- _What the exercise asks_: Go through the entries below line by line and count those containing "Standard"; the answer is that count alone.

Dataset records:
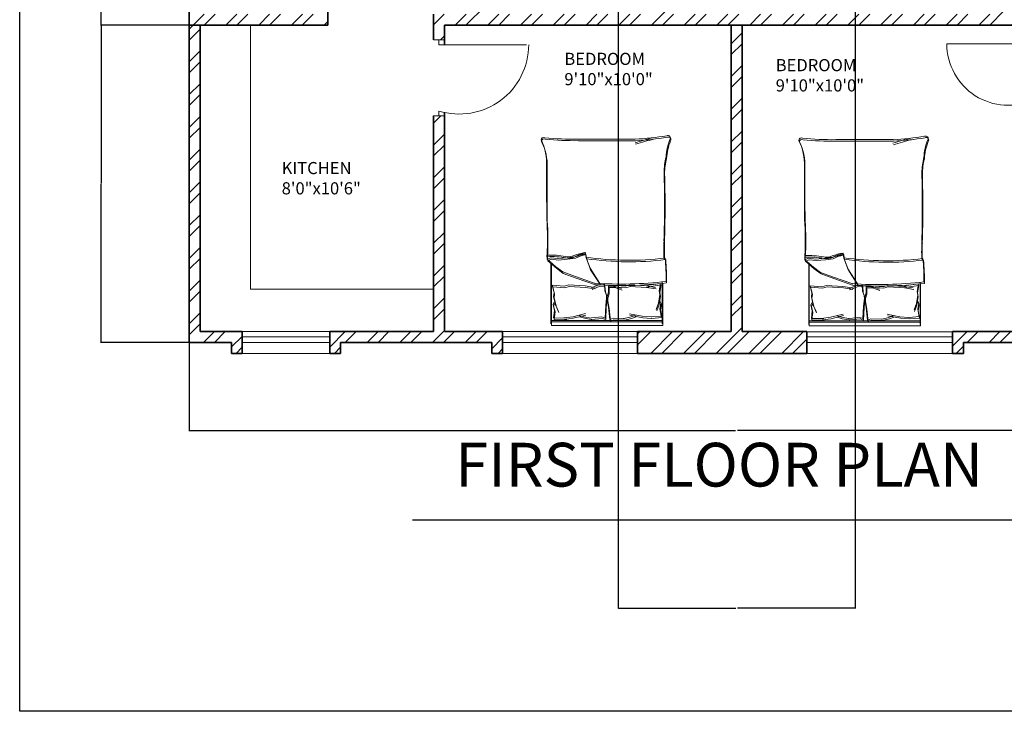
# Model space of a CAD drawing. Units: inches. Extents: x 1570 to 2186, y 1575 to 2421.
# Tile 1 of 10: x 1570 to 1975, y 1575 to 1859. Entities that reach past the tile are written whole.
import ezdxf

# ---------------------------------------------------------------- set-up
doc = ezdxf.new("R2010")
doc.units = ezdxf.units.IN
for name, color, linetype, lineweight in [('A-ANNO-DIMS', 2, 'Continuous', 18), ('A-ANNO-TTLB', 7, 'Continuous', 25), ('A-AREA-IDEN', 7, 'Continuous', 18), ('A-DOOR', 201, 'Continuous', 18), ('A-FLOR-CASE', 7, 'Continuous', 18), ('A-FURN', 8, 'Continuous', 13), ('A-GLAZ', 150, 'Continuous', 18), ('A-WALL', 7, 'Continuous', 35), ('A-WALL-PATT', 252, 'Continuous', 13)]:
    doc.layers.add(name, color=color, linetype=linetype, lineweight=lineweight)
doc.styles.get("Standard").update_dxf_attribs({"font": 'arial.ttf'})
doc.dimstyles.get("Standard").update_dxf_attribs({"dimtxt": 0.18, "dimasz": 0.18, "dimexe": 0.18, "dimexo": 0.0625, "dimgap": 0.09, "dimtad": 0, "dimtih": 1, "dimtoh": 1, "dimdec": 4, "dimzin": 0, "dimdsep": 46, "dimtxsty": 'Standard', "dimcen": 0.09, "dimadec": 0, "dimazin": 0, "dimtfac": 1, "dimtdec": 4, "dimtofl": 0, "dimtmove": 0, "dimatfit": 3, "dimfxl": 1, "dimtolj": 1, "dimtzin": 0, "dimarcsym": 0})

# ---------------------------------------------------------------- blocks, each defined once
blk = doc.blocks.new('BED-DOUBLE')
for p, q in [((3.33, 60.74), (3.33, 78.1)), ((3.33, 60.74), (3.33, 78.1)), ((3.33, 78.1), (49.16, 78.1)), ((3.55, 60.12), (3.55, 77.49)), ((3.55, 60.12), (3.55, 77.49)), ((49.16, 78.1), (49.16, 52.58)), ((49.16, 78.1), (49.16, 52.58)), ((49.38, 77.49), (49.38, 51.97)), ((49.38, 77.49), (49.38, 51.97)), ((3.33, 76.63), (49.16, 76.63)), ((3.33, 76.63), (49.16, 76.63)), ((3.55, 76.02), (49.38, 76.02)), ((3.55, 76.02), (49.38, 76.02)), ((3.74, 74.9), (7.84, 75.22)), ((3.74, 74.9), (7.84, 75.22)), ((3.74, 74.92), (4.29, 71.87)), ((3.74, 74.92), (4.29, 71.87)), ((3.95, 74.31), (4.51, 71.26)), ((3.95, 74.31), (4.51, 71.26)), ((3.96, 74.29), (8.06, 74.6)), ((3.96, 74.29), (8.06, 74.6)), ((7.84, 75.22), (7.95, 75.2)), ((7.84, 75.22), (7.95, 75.2)), ((7.95, 75.2), (11.61, 74.92)), ((7.95, 75.2), (11.61, 74.92)), ((8.06, 74.6), (8.16, 74.59)), ((8.06, 74.6), (8.16, 74.59)), ((8.16, 74.59), (11.83, 74.31)), ((8.16, 74.59), (11.83, 74.31)), ((11.61, 74.92), (16.88, 73.95)), ((11.61, 74.92), (16.88, 73.95)), ((11.83, 74.31), (17.1, 73.34)), ((11.83, 74.31), (17.1, 73.34)), ((14.25, 74.51), (16.19, 75.2)), ((14.25, 74.51), (16.19, 75.2)), ((14.46, 73.89), (16.41, 74.59)), ((14.47, 73.89), (16.41, 74.59)), ((16.19, 75.2), (18.96, 75.89)), ((16.19, 75.2), (18.96, 75.89)), ((16.41, 74.59), (19.18, 75.28)), ((16.41, 74.59), (19.18, 75.28)), ((18.96, 75.89), (19.27, 75.89)), ((18.96, 75.89), (19.27, 75.89)), ((19.18, 75.28), (19.49, 75.28)), ((19.18, 75.28), (19.49, 75.28)), ((19.27, 75.89), (23.53, 75.76)), ((19.27, 75.89), (23.53, 75.76)), ((19.49, 75.28), (23.75, 75.14)), ((19.49, 75.28), (23.75, 75.14)), ((23.53, 75.76), (24.92, 76.31)), ((23.53, 75.76), (24.92, 76.31)), ((23.75, 75.14), (25.14, 75.7)), ((23.75, 75.14), (25.14, 75.7)), ((24.92, 76.31), (25.47, 71.18)), ((24.92, 76.31), (25.47, 71.18)), ((25.14, 75.7), (25.69, 70.57)), ((25.14, 75.7), (25.69, 70.57)), ((26.83, 75.71), (26.6, 70.56)), ((26.83, 75.71), (26.6, 70.56)), ((27.05, 75.1), (26.82, 69.95)), ((27.05, 75.1), (26.82, 69.95)), ((28.25, 75.25), (26.83, 75.71)), ((28.25, 75.25), (26.83, 75.71)), ((28.47, 74.63), (27.05, 75.1)), ((28.47, 74.63), (27.05, 75.1)), ((32.49, 75.65), (28.25, 75.25)), ((32.49, 75.65), (28.25, 75.25)), ((32.71, 75.04), (28.47, 74.63)), ((32.71, 75.04), (28.47, 74.63)), ((32.8, 75.67), (32.49, 75.65)), ((32.8, 75.67), (32.49, 75.65)), ((33.02, 75.06), (32.71, 75.04)), ((33.02, 75.06), (32.71, 75.04)), ((35.61, 75.15), (32.8, 75.67)), ((35.61, 75.15), (32.8, 75.67)), ((35.83, 74.54), (33.02, 75.06)), ((35.83, 74.54), (33.02, 75.06)), ((40.2, 75.16), (35, 73.86)), ((40.2, 75.16), (35, 73.86)), ((40.42, 74.55), (35.22, 73.25)), ((40.41, 74.55), (35.22, 73.25)), ((37.59, 74.58), (35.61, 75.15)), ((37.59, 74.58), (35.61, 75.15)), ((37.81, 73.97), (35.83, 74.54)), ((37.81, 73.97), (35.83, 74.54)), ((43.84, 75.67), (40.2, 75.16)), ((43.84, 75.67), (40.2, 75.16)), ((44.06, 75.05), (40.41, 74.55)), ((44.06, 75.05), (40.42, 74.55)), ((48.06, 75.65), (42.88, 75.74)), ((42.88, 75.74), (43.84, 75.67)), ((48.06, 75.65), (42.88, 75.74)), ((42.88, 75.74), (43.84, 75.67)), ((48.28, 75.04), (43.1, 75.13)), ((43.1, 75.13), (44.06, 75.05)), ((48.28, 75.04), (43.1, 75.13)), ((43.1, 75.13), (44.06, 75.05)), ((48.06, 75.65), (47.69, 72.57)), ((48.06, 75.65), (47.69, 72.57)), ((48.28, 75.04), (47.91, 71.96)), ((48.28, 75.04), (47.91, 71.96)), ((4.29, 71.87), (3.87, 69.38)), ((4.29, 71.87), (3.87, 69.38)), ((3.87, 69.38), (4.43, 68.41)), ((3.87, 69.38), (4.43, 68.41)), ((4.51, 71.26), (4.09, 68.76)), ((4.51, 71.26), (4.09, 68.76)), ((4.29, 66.05), (4.84, 69.52)), ((4.29, 66.05), (4.84, 69.52)), ((4.51, 65.44), (5.06, 68.9)), ((4.51, 65.44), (5.06, 68.9)), ((4.84, 69.52), (5.81, 72.15)), ((4.84, 69.52), (5.81, 72.15)), ((5.06, 68.9), (6.03, 71.54)), ((5.06, 68.9), (6.03, 71.54)), ((25.47, 71.18), (26.03, 68.13)), ((25.47, 71.18), (26.03, 68.13)), ((25.69, 70.57), (26.25, 67.52)), ((25.69, 70.57), (26.25, 67.52)), ((26.6, 70.56), (26.23, 67.48)), ((26.6, 70.56), (26.23, 67.48)), ((26.82, 69.95), (26.45, 66.87)), ((26.82, 69.95), (26.45, 66.87)), ((47.29, 70.18), (46.15, 72.75)), ((47.29, 70.18), (46.16, 72.75)), ((47.51, 69.57), (46.37, 72.14)), ((47.51, 69.57), (46.37, 72.14)), ((48.06, 66.76), (47.29, 70.18)), ((48.06, 66.76), (47.29, 70.18)), ((48.28, 66.15), (47.51, 69.57)), ((48.28, 66.15), (47.51, 69.57)), ((47.69, 72.57), (48.27, 70.11)), ((47.69, 72.57), (48.26, 70.11)), ((48.27, 70.11), (47.77, 69.1)), ((48.26, 70.11), (47.77, 69.1)), ((47.91, 71.96), (48.48, 69.49)), ((47.91, 71.96), (48.48, 69.49)), ((48.48, 69.49), (47.99, 68.49)), ((48.48, 69.49), (47.99, 68.49)), ((4.09, 68.76), (4.65, 67.79)), ((4.09, 68.76), (4.65, 67.79)), ((4.57, 64.52), (4.29, 66.05)), ((4.57, 64.52), (4.29, 66.05)), ((4.79, 63.91), (4.51, 65.44)), ((4.79, 63.91), (4.51, 65.44)), ((26.03, 66.88), (25.47, 65.08)), ((26.03, 66.88), (25.47, 65.08)), ((25.47, 65.08), (25.47, 62.51)), ((25.47, 65.08), (25.47, 62.51)), ((26.25, 66.27), (25.69, 64.47)), ((26.25, 66.27), (25.69, 64.47)), ((26.03, 68.13), (26.03, 66.88)), ((26.03, 68.13), (26.03, 66.88)), ((26.23, 67.48), (26.31, 66.23)), ((26.23, 67.48), (26.31, 66.23)), ((26.25, 67.52), (26.25, 66.27)), ((26.25, 67.52), (26.25, 66.27)), ((26.31, 66.23), (26.98, 64.47)), ((26.31, 66.23), (26.98, 64.47)), ((26.45, 66.87), (26.53, 65.62)), ((26.45, 66.87), (26.53, 65.62)), ((26.53, 65.62), (27.2, 63.86)), ((26.53, 65.62), (27.2, 63.86)), ((47.88, 65.22), (48.06, 66.76)), ((47.88, 65.22), (48.06, 66.76)), ((48.62, 62.21), (47.88, 65.22)), ((48.62, 62.21), (47.88, 65.22)), ((48.09, 64.61), (48.28, 66.15)), ((48.1, 64.61), (48.28, 66.15)), ((4.01, 61.47), (4.57, 64.52)), ((4.01, 61.47), (4.57, 64.52)), ((8.9, 62.17), (4.01, 61.47)), ((8.9, 62.17), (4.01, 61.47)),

- _Your solution_: 2